== Work to be completed ==
Reproduce the records below exactly; no pictures.

(Excerpts from a dataset)
◇ ◇ ◇ ◇ ◇ ◇ ◇

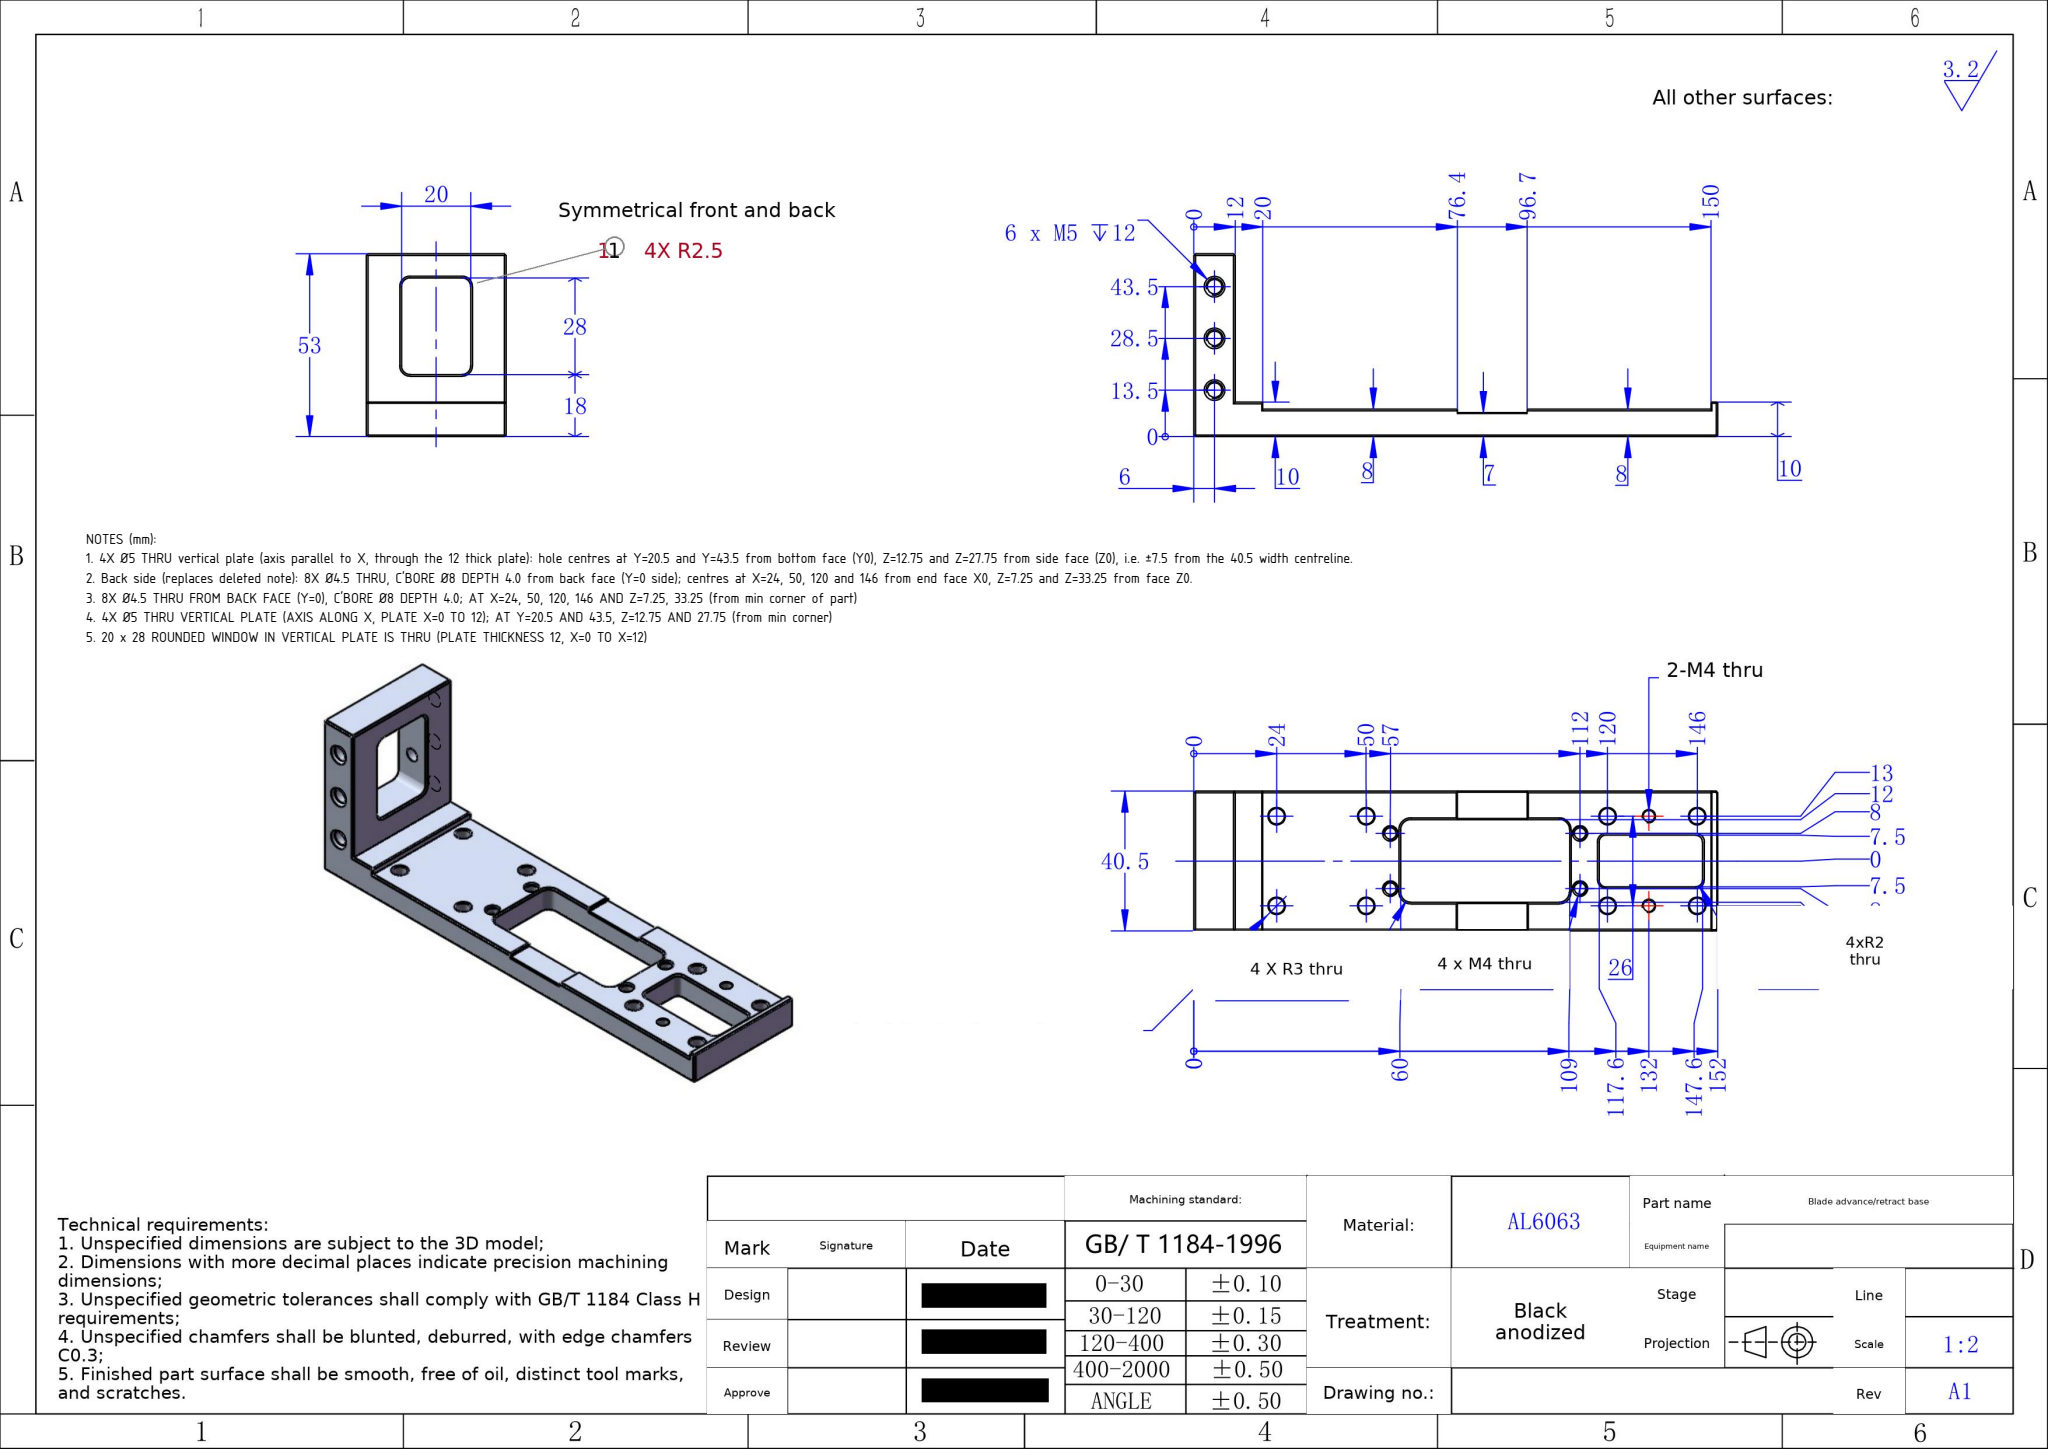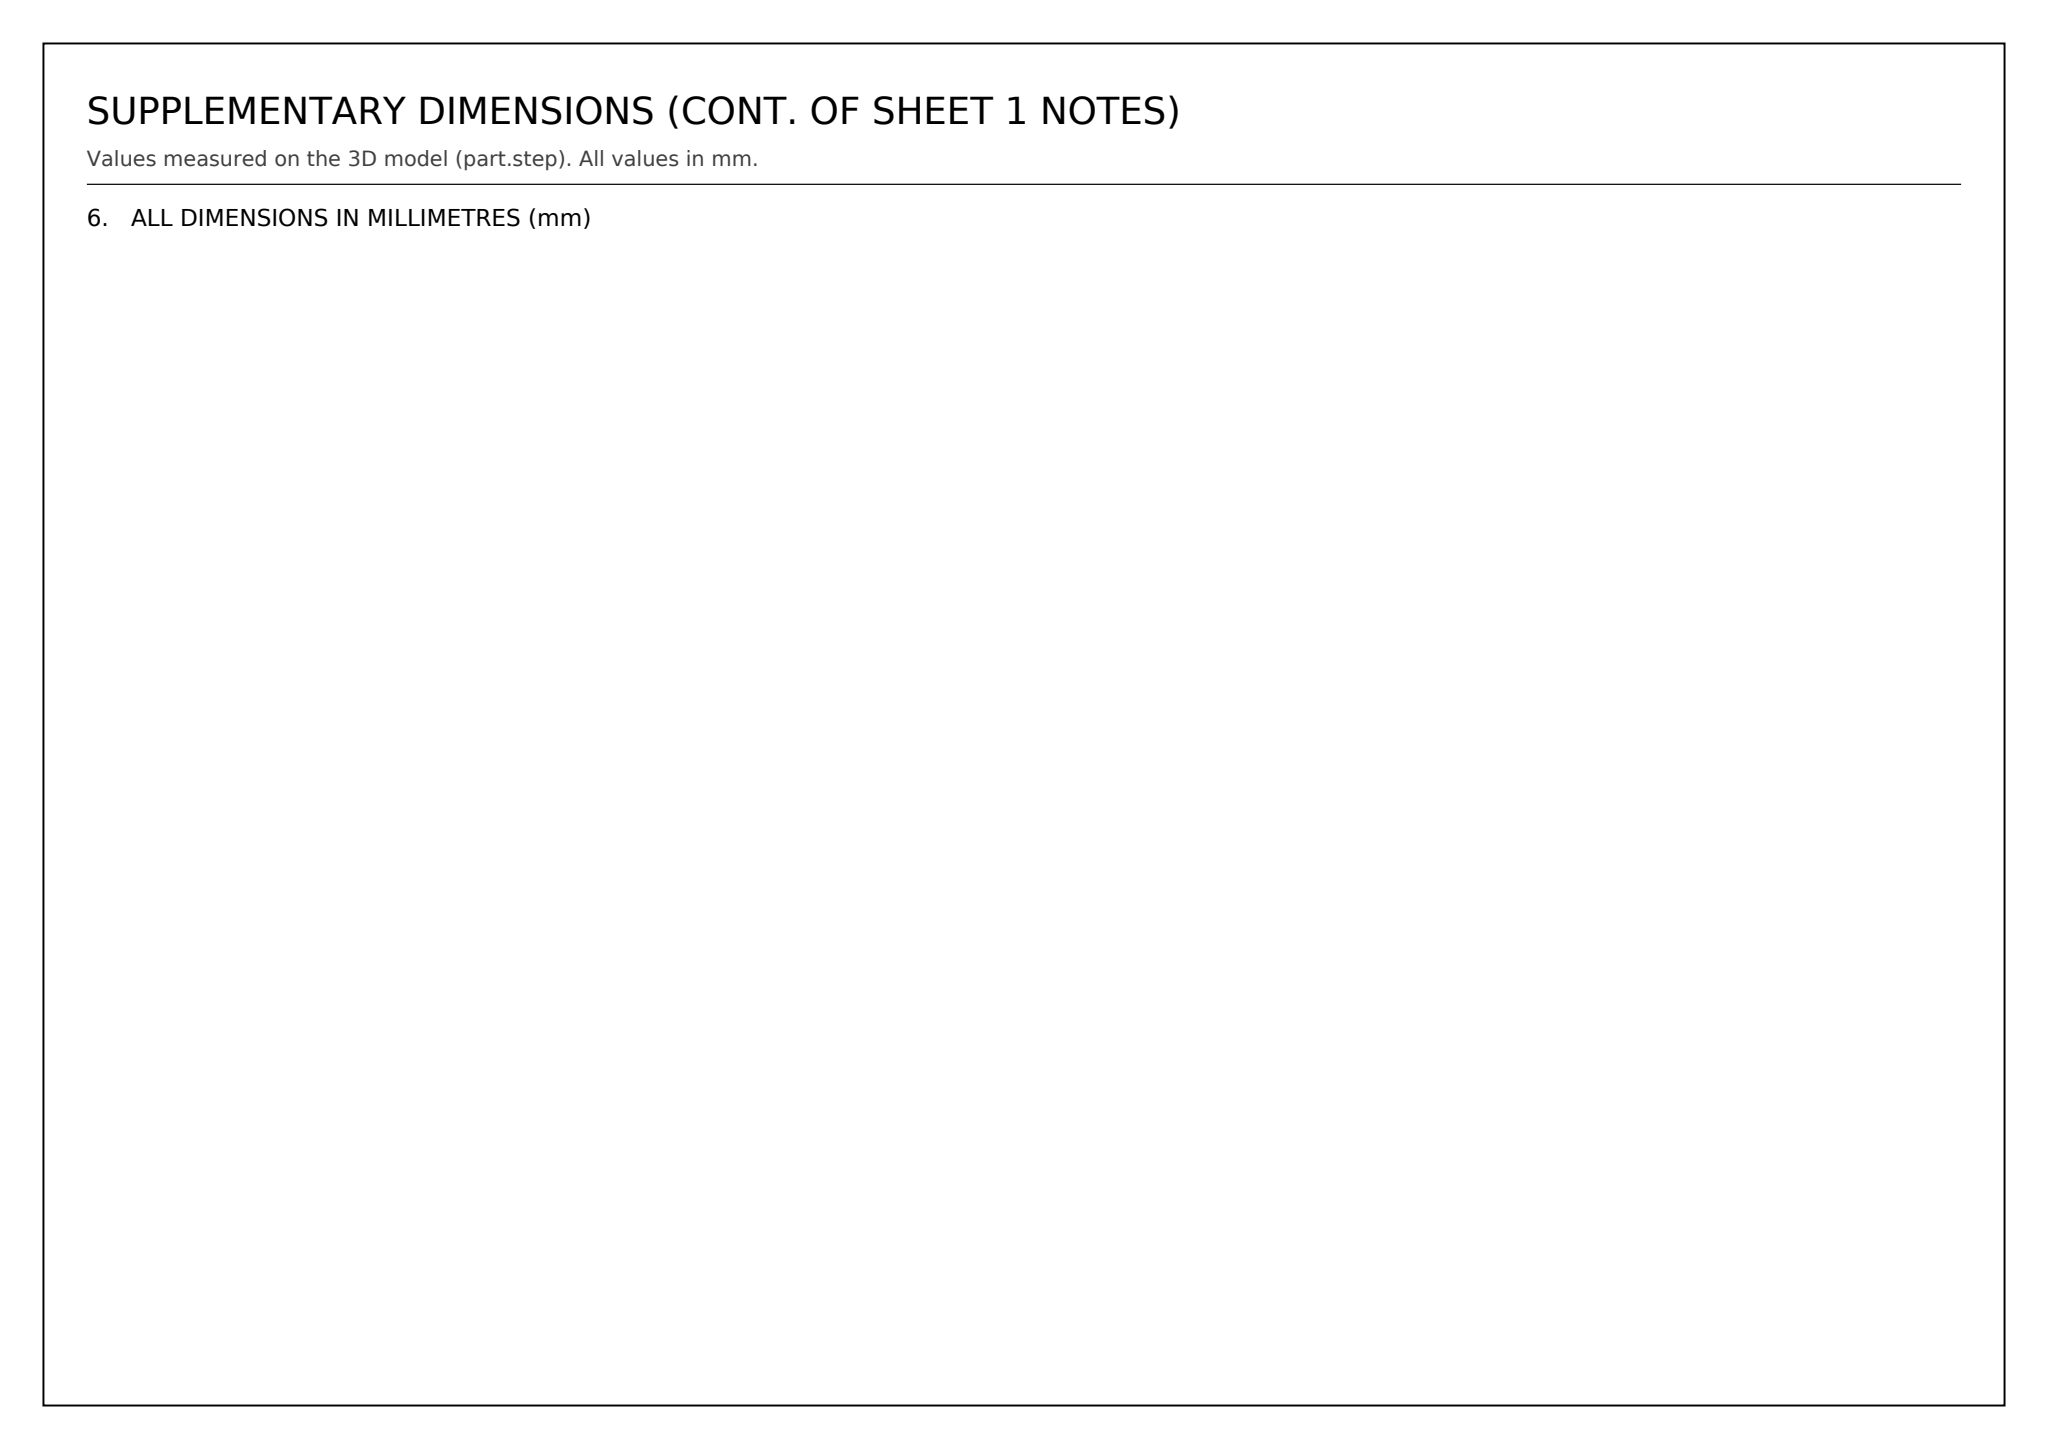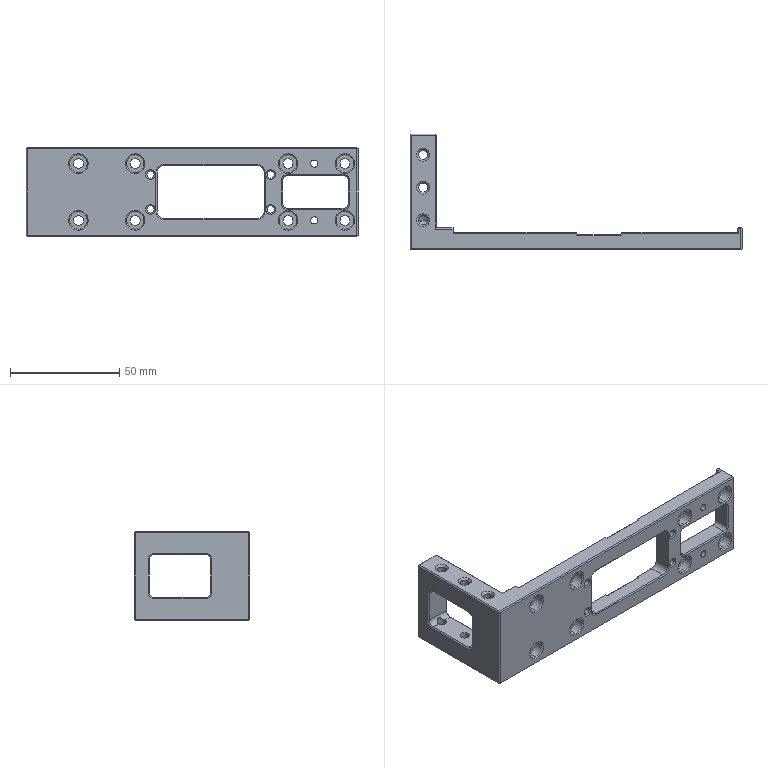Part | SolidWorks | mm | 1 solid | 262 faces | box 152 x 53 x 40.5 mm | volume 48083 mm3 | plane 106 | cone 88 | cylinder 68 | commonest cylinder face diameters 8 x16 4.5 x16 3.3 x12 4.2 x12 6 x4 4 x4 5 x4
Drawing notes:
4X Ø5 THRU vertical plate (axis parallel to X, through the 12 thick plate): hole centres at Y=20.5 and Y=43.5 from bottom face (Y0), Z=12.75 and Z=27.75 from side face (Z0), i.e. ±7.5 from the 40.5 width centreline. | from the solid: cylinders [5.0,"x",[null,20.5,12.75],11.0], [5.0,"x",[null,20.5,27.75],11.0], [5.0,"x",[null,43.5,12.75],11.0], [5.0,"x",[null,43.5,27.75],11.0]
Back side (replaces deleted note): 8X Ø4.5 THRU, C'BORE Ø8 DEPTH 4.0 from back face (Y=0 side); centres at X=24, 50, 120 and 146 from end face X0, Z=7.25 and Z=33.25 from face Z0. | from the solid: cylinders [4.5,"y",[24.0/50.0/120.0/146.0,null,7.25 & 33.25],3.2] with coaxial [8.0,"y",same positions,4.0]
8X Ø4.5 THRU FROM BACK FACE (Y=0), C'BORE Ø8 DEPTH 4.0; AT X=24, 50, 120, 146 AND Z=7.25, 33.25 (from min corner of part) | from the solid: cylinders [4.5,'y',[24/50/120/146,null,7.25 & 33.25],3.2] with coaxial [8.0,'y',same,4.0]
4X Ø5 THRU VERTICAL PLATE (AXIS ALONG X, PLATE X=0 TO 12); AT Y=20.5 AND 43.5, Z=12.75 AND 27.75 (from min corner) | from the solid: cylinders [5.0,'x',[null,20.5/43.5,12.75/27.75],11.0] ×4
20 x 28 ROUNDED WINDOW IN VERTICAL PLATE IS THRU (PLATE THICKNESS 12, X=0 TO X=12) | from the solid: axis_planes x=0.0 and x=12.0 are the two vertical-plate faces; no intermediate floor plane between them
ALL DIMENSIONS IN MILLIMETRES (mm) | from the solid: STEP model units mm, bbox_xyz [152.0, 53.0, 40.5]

◇ ◇ ◇ ◇ ◇ ◇ ◇

== Output for this task ==
Part | SolidWorks | mm | 1 solid | 262 faces | box 152 x 53 x 40.5 mm | volume 48083 mm3 | plane 106 | cone 88 | cylinder 68 | commonest cylinder face diameters 8 x16 4.5 x16 3.3 x12 4.2 x12 6 x4 4 x4 5 x4
Drawing notes:
4X Ø5 THRU vertical plate (axis parallel to X, through the 12 thick plate): hole centres at Y=20.5 and Y=43.5 from bottom face (Y0), Z=12.75 and Z=27.75 from side face (Z0), i.e. ±7.5 from the 40.5 width centreline. | from the solid: cylinders [5.0,"x",[null,20.5,12.75],11.0], [5.0,"x",[null,20.5,27.75],11.0], [5.0,"x",[null,43.5,12.75],11.0], [5.0,"x",[null,43.5,27.75],11.0]
Back side (replaces deleted note): 8X Ø4.5 THRU, C'BORE Ø8 DEPTH 4.0 from back face (Y=0 side); centres at X=24, 50, 120 and 146 from end face X0, Z=7.25 and Z=33.25 from face Z0. | from the solid: cylinders [4.5,"y",[24.0/50.0/120.0/146.0,null,7.25 & 33.25],3.2] with coaxial [8.0,"y",same positions,4.0]
8X Ø4.5 THRU FROM BACK FACE (Y=0), C'BORE Ø8 DEPTH 4.0; AT X=24, 50, 120, 146 AND Z=7.25, 33.25 (from min corner of part) | from the solid: cylinders [4.5,'y',[24/50/120/146,null,7.25 & 33.25],3.2] with coaxial [8.0,'y',same,4.0]
4X Ø5 THRU VERTICAL PLATE (AXIS ALONG X, PLATE X=0 TO 12); AT Y=20.5 AND 43.5, Z=12.75 AND 27.75 (from min corner) | from the solid: cylinders [5.0,'x',[null,20.5/43.5,12.75/27.75],11.0] ×4
20 x 28 ROUNDED WINDOW IN VERTICAL PLATE IS THRU (PLATE THICKNESS 12, X=0 TO X=12) | from the solid: axis_planes x=0.0 and x=12.0 are the two vertical-plate faces; no intermediate floor plane between them
ALL DIMENSIONS IN MILLIMETRES (mm) | from the solid: STEP model units mm, bbox_xyz [152.0, 53.0, 40.5]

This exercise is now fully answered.